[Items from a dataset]

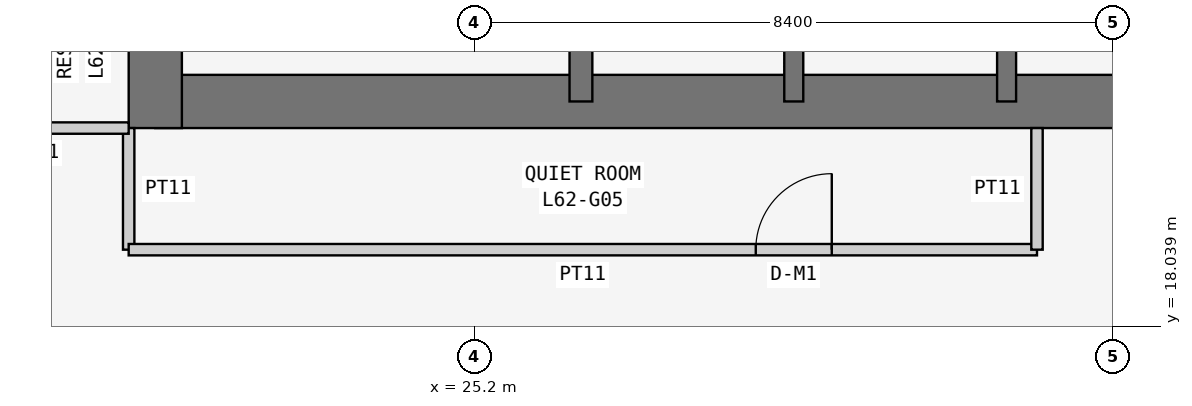
"""IFC4 building model, lengths in metres.
Left out: names, types, materials, properties, quantities, classifications, styles, units other than length and angle.
Written with IfcOpenShell. Run it as: python <this file> out.ifc"""

import sys

from ifc_helpers import new_model, si_unit, direction, frame, frame_2d, origin, place, context, subcontext, project, spatial, rectangle, extrude, element, fill, save


model = new_model("IFC4")
c1 = context("Model", 3, precision=1e-05, world=origin(), true_north=direction((0.0, 1.0)))
c2 = subcontext(c1, "Body", "Model", "MODEL_VIEW")
j1 = project(units=[si_unit("LENGTHUNIT", "METRE"), si_unit("PLANEANGLEUNIT", "RADIAN")], contexts=[c1])
p1 = place(None, origin())
s1 = spatial("IfcSite", under=j1, at=p1, CompositionType="ELEMENT")
p2 = place(p1, origin())
s2 = spatial("IfcBuilding", under=s1, at=p2, CompositionType="ELEMENT")
p3 = place(p2, frame((0.0, 0.0, 237.3)))
s3 = spatial("IfcBuildingStorey", under=s2, at=p3, CompositionType="ELEMENT", Elevation=237.3)
p4 = place(p3, frame((21.0, 21.0, 0.0), z_axis=(0.0, 0.0, 1.0), x_axis=(1.0, 0.0, 0.0)))
e1 = element("IfcWall", 1, at=p4, inside=s3, PredefinedType="SHEAR", context=c2, shape_type="SweptSolid", body=[
    extrude(rectangle(XDim=17.15, YDim=0.7, at=frame_2d((8.575, 0.0))), origin(), (0.0, 0.0, 1.0), 3.6),
])
p5 = place(p3, frame((21.0, 37.8, 0.0), z_axis=(0.0, 0.0, 1.0), x_axis=(0.0, -1.0, 0.0)))
e2 = element("IfcWall", 2, at=p5, inside=s3, PredefinedType="SHEAR", context=c2, shape_type="SweptSolid", body=[
    extrude(rectangle(XDim=17.15, YDim=0.7, at=frame_2d((8.575, 0.0))), origin(), (0.0, 0.0, 1.0), 3.6),
])
p6 = place(p5, frame((5.4, 0.0, 0.0)))
e3 = element("IfcOpeningElement", 3, at=p6, cuts=e2, PredefinedType="OPENING", context=c2, shape_type="SweptSolid", body=[
    extrude(rectangle(XDim=1.2, YDim=2.1, at=frame_2d((0.6, 1.05))), frame((0.0, 0.36, 0.0), z_axis=(0.0, -1.0, 0.0), x_axis=(1.0, 0.0, 0.0)), (0.0, 0.0, 1.0), 0.72),
])
p7 = place(p3, frame((26.6, 21.0, 0.0), z_axis=(0.0, 0.0, 1.0), x_axis=(0.0, 1.0, 0.0)))
e4 = element("IfcWall", 4, at=p7, inside=s3, PredefinedType="SHEAR", context=c2, shape_type="SweptSolid", body=[
    extrude(rectangle(XDim=16.8, YDim=0.3, at=frame_2d((8.4, 0.0))), origin(), (0.0, 0.0, 1.0), 3.6),
])
p8 = place(p7, frame((10.4, 0.0, 0.0)))
e5 = element("IfcOpeningElement", 5, at=p8, cuts=e4, PredefinedType="OPENING", context=c2, shape_type="SweptSolid", body=[
    extrude(rectangle(XDim=1.2, YDim=2.1, at=frame_2d((0.6, 1.05))), frame((0.0, 0.16, 0.0), z_axis=(0.0, -1.0, 0.0), x_axis=(1.0, 0.0, 0.0)), (0.0, 0.0, 1.0), 0.32),
])
for number, where, z_axis, x_axis in (
    (6, (29.4, 21.0, 0.0), (0.0, 0.0, 1.0), (0.0, 1.0, 0.0)),
    (7, (32.2, 21.0, 0.0), (0.0, 0.0, 1.0), (0.0, 1.0, 0.0)),
):
    element("IfcWall", number, at=place(p3, frame(where, z_axis=z_axis, x_axis=x_axis)), inside=s3, PredefinedType="SHEAR", context=c2, shape_type="SweptSolid", body=[
        extrude(rectangle(XDim=3.2, YDim=0.25, at=frame_2d((1.6, 0.0))), origin(), (0.0, 0.0, 1.0), 3.6),
    ])
p9 = place(p3, frame((20.65, 20.65, 0.0), z_axis=(0.0, 0.0, 1.0), x_axis=(0.0, -1.0, 0.0)))
e8 = element("IfcWall", 8, at=p9, inside=s3, PredefinedType="PARTITIONING", context=c2, shape_type="SweptSolid", body=[
    extrude(rectangle(XDim=1.6, YDim=0.15, at=frame_2d((0.8, 0.0))), origin(), (0.0, 0.0, 1.0), 3.45),
])
p10 = place(p3, frame((20.65, 19.05, 0.0), z_axis=(0.0, 0.0, 1.0), x_axis=(1.0, 0.0, 0.0)))
e9 = element("IfcWall", 9, at=p10, inside=s3, PredefinedType="PARTITIONING", context=c2, shape_type="SweptSolid", body=[
    extrude(rectangle(XDim=11.95, YDim=0.15, at=frame_2d((5.975, 0.0))), origin(), (0.0, 0.0, 1.0), 3.45),
])
p11 = place(p10, frame((8.25, 0.0, 0.0)))
e10 = element("IfcOpeningElement", 10, at=p11, cuts=e9, PredefinedType="OPENING", context=c2, shape_type="SweptSolid", body=[
    extrude(rectangle(XDim=1.0, YDim=2.1, at=frame_2d((0.5, 1.05))), frame((0.0, 0.085, 0.0), z_axis=(0.0, -1.0, 0.0), x_axis=(1.0, 0.0, 0.0)), (0.0, 0.0, 1.0), 0.17),
])
p12 = place(p3, frame((32.6, 19.05, 0.0), z_axis=(0.0, 0.0, 1.0), x_axis=(0.0, 1.0, 0.0)))
e11 = element("IfcWall", 11, at=p12, inside=s3, PredefinedType="PARTITIONING", context=c2, shape_type="SweptSolid", body=[
    extrude(rectangle(XDim=1.6, YDim=0.15, at=frame_2d((0.8, 0.0))), origin(), (0.0, 0.0, 1.0), 3.45),
])
p13 = place(p3, frame((18.2, 20.65, 0.0), z_axis=(0.0, 0.0, 1.0), x_axis=(1.0, 0.0, 0.0)))
e12 = element("IfcWall", 12, at=p13, inside=s3, PredefinedType="PARTITIONING", context=c2, shape_type="SweptSolid", body=[
    extrude(rectangle(XDim=2.45, YDim=0.15, at=frame_2d((1.225, 0.0))), origin(), (0.0, 0.0, 1.0), 3.45),
])
p14 = place(p11, origin())
e13 = element("IfcDoor", 13, at=p14, inside=s3, OperationType="SINGLE_SWING_RIGHT", PredefinedType="DOOR", context=c2, shape_type="SweptSolid", body=[
    extrude(rectangle(XDim=1.0, YDim=2.1, at=frame_2d((0.5, 1.05))), frame((0.0, 0.025, 0.0), z_axis=(0.0, -1.0, 0.0), x_axis=(1.0, 0.0, 0.0)), (0.0, 0.0, 1.0), 0.05),
])
fill(e10, e13)
save(model, sys.argv[1])

**PROBLEM**
Copy each line from the data above that includes "where".

**FINISHED EXERCISE**
for number, where, z_axis, x_axis in (
    element("IfcWall", number, at=place(p3, frame(where, z_axis=z_axis, x_axis=x_axis)), inside=s3, PredefinedType="SHEAR", context=c2, shape_type="SweptSolid", body=[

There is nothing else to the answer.